=== Aim of the exercise ===
Go through the records and count the lines where the string "linetype" occurs. Reply with the number only.

Records contained in a dataset

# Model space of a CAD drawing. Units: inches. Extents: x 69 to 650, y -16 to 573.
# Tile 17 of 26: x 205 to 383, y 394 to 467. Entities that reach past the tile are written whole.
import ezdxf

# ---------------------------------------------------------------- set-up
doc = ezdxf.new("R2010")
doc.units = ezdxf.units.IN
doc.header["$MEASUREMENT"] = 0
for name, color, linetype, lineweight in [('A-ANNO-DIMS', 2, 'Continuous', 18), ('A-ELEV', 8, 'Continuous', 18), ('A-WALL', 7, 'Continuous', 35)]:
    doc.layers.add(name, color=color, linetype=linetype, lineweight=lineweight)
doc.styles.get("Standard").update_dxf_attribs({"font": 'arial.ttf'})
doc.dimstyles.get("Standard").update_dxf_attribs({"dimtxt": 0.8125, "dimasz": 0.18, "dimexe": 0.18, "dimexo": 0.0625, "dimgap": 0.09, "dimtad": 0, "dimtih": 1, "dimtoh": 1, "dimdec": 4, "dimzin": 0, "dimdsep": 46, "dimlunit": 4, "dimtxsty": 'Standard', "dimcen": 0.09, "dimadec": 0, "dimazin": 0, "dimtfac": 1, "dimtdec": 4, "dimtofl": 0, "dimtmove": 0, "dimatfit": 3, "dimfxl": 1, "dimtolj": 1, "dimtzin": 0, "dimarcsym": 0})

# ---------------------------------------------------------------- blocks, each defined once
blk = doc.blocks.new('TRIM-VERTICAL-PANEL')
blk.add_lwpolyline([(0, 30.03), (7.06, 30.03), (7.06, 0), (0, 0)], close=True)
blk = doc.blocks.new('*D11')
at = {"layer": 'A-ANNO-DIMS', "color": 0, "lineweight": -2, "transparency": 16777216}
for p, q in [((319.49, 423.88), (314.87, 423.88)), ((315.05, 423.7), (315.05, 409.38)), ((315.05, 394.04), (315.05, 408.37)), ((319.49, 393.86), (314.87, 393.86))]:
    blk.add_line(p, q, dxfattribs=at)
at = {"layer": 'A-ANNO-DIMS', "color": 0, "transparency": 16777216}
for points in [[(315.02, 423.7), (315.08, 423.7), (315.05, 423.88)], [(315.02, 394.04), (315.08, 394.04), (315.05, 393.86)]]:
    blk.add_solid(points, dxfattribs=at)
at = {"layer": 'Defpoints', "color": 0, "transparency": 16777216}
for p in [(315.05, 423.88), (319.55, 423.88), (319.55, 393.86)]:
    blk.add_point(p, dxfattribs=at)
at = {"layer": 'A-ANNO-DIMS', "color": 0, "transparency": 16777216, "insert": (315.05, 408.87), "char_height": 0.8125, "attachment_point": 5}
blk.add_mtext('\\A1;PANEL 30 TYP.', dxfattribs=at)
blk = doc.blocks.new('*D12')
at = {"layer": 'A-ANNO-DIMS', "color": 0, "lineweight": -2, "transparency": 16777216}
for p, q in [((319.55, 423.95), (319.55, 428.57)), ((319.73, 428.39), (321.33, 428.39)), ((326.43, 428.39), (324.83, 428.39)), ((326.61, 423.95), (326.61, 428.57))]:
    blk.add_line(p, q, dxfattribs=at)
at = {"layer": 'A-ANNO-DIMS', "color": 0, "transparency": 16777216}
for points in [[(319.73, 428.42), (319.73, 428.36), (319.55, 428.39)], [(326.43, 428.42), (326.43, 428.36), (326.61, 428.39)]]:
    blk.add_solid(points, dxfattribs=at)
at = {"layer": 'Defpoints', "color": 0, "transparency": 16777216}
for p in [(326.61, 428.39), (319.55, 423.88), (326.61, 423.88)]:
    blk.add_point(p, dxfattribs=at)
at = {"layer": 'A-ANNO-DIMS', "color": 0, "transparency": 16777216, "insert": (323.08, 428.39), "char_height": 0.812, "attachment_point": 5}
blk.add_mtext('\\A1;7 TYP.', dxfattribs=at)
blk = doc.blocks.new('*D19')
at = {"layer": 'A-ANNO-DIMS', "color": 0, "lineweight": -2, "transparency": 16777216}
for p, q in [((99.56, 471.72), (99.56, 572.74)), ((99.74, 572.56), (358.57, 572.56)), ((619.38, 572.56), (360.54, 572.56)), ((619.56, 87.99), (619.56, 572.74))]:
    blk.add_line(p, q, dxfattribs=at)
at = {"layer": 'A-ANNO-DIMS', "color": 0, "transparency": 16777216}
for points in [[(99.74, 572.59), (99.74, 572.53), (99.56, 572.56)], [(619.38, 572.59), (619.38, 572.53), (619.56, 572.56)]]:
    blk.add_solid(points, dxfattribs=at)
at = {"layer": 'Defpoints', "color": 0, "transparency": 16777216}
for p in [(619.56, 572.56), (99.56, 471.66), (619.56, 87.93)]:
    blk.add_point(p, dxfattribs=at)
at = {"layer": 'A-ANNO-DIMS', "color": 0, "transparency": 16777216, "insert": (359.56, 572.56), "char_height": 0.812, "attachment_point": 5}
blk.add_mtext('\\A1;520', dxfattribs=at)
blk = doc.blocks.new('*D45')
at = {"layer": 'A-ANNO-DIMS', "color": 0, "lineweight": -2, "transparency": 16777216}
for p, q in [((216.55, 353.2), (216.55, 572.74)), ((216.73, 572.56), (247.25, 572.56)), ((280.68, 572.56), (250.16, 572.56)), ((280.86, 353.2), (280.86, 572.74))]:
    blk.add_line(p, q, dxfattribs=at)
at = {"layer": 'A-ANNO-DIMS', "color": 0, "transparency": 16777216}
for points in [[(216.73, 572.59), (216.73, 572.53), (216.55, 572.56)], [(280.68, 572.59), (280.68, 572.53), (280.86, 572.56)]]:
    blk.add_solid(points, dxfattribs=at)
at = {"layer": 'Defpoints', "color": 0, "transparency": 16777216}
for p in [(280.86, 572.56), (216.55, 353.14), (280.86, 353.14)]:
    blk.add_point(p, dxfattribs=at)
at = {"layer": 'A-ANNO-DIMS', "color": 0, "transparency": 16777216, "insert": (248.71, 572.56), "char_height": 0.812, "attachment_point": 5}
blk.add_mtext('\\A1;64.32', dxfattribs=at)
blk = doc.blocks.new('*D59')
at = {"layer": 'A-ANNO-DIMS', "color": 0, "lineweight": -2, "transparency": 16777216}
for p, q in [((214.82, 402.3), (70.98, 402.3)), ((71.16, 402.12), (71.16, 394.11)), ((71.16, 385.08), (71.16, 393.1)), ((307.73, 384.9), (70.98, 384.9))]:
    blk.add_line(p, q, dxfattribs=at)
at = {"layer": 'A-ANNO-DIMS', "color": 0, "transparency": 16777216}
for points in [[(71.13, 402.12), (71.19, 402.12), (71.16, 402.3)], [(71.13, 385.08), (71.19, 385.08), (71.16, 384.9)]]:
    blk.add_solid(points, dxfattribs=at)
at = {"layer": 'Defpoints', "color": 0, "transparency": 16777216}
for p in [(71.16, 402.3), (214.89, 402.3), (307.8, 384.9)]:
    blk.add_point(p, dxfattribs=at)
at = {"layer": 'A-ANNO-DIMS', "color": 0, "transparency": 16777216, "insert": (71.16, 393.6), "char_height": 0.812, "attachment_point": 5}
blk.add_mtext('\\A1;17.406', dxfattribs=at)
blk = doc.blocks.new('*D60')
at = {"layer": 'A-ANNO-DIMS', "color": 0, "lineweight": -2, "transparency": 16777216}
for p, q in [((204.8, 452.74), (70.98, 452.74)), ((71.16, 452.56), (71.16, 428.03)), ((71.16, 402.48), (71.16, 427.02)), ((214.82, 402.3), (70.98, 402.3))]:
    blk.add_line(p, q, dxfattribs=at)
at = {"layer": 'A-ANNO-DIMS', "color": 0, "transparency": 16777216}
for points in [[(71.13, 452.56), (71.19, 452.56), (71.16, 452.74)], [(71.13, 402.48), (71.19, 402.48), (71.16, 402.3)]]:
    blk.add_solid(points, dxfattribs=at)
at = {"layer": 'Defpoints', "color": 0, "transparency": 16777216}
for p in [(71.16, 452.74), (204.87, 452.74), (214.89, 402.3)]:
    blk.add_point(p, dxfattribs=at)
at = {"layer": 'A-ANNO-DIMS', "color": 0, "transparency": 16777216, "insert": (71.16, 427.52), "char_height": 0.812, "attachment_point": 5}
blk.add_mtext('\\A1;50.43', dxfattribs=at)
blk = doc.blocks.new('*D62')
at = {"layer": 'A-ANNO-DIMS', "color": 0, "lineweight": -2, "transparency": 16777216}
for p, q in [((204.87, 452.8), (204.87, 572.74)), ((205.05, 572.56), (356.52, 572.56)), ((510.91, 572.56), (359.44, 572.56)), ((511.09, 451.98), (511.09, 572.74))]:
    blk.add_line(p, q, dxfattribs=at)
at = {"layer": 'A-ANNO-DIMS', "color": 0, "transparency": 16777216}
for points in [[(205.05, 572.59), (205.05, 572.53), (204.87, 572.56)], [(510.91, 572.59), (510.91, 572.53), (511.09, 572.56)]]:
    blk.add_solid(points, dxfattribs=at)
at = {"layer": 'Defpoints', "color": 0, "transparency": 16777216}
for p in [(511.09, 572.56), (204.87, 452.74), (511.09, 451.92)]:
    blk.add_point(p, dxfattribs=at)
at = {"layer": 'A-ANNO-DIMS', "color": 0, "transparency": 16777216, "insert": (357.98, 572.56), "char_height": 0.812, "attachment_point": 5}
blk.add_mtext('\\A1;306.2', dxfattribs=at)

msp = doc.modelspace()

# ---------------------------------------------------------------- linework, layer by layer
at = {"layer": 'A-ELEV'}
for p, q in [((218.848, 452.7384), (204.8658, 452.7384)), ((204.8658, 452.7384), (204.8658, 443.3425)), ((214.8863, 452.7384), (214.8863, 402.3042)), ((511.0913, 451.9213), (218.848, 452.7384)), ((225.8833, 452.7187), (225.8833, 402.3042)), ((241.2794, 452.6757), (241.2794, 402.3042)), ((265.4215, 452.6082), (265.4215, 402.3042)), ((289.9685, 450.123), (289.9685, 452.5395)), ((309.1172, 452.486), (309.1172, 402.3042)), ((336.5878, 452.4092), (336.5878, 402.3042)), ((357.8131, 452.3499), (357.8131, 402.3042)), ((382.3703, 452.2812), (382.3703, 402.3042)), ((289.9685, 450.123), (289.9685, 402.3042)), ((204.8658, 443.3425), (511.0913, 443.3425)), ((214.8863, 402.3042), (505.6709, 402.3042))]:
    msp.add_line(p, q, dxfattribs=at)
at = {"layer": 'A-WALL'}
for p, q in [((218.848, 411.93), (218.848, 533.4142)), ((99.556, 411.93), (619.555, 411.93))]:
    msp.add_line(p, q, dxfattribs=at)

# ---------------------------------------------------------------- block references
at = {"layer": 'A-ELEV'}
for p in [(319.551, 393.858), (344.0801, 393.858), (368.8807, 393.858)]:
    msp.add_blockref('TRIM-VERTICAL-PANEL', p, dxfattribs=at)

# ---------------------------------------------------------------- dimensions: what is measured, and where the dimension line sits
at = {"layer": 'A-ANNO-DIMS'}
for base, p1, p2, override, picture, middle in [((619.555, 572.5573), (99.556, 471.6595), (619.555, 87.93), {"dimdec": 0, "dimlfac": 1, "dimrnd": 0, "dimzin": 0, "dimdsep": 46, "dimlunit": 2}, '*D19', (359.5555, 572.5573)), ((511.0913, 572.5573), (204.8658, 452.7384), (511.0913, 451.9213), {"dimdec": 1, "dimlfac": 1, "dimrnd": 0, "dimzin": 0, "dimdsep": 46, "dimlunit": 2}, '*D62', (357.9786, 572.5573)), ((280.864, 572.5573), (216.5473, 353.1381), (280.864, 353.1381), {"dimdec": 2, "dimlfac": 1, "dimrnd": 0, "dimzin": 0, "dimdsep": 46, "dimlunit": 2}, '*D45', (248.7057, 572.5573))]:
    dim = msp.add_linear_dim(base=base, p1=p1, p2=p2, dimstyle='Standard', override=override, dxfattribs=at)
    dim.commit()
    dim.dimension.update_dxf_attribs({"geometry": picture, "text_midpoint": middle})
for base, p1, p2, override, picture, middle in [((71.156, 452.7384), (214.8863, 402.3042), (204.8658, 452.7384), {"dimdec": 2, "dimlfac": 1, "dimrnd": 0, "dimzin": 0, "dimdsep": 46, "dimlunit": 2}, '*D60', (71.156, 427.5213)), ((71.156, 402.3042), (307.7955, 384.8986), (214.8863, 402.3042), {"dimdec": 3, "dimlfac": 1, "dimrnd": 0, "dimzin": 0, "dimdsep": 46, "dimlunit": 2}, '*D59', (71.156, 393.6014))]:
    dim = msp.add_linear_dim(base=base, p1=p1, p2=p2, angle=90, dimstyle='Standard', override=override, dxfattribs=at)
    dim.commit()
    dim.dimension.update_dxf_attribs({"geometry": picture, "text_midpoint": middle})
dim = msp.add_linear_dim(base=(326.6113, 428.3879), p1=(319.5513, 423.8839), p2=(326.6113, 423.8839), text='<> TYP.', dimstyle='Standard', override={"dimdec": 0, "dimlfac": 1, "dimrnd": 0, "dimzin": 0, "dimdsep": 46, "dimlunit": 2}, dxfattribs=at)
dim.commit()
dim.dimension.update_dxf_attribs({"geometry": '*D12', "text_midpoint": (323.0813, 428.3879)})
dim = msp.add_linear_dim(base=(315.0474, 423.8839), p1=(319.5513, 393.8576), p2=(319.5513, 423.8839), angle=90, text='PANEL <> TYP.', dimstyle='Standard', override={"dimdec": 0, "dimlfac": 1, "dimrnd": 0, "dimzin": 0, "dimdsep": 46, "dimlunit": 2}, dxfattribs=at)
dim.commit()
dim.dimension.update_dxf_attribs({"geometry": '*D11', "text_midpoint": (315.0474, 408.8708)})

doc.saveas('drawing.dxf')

=== Output ===
2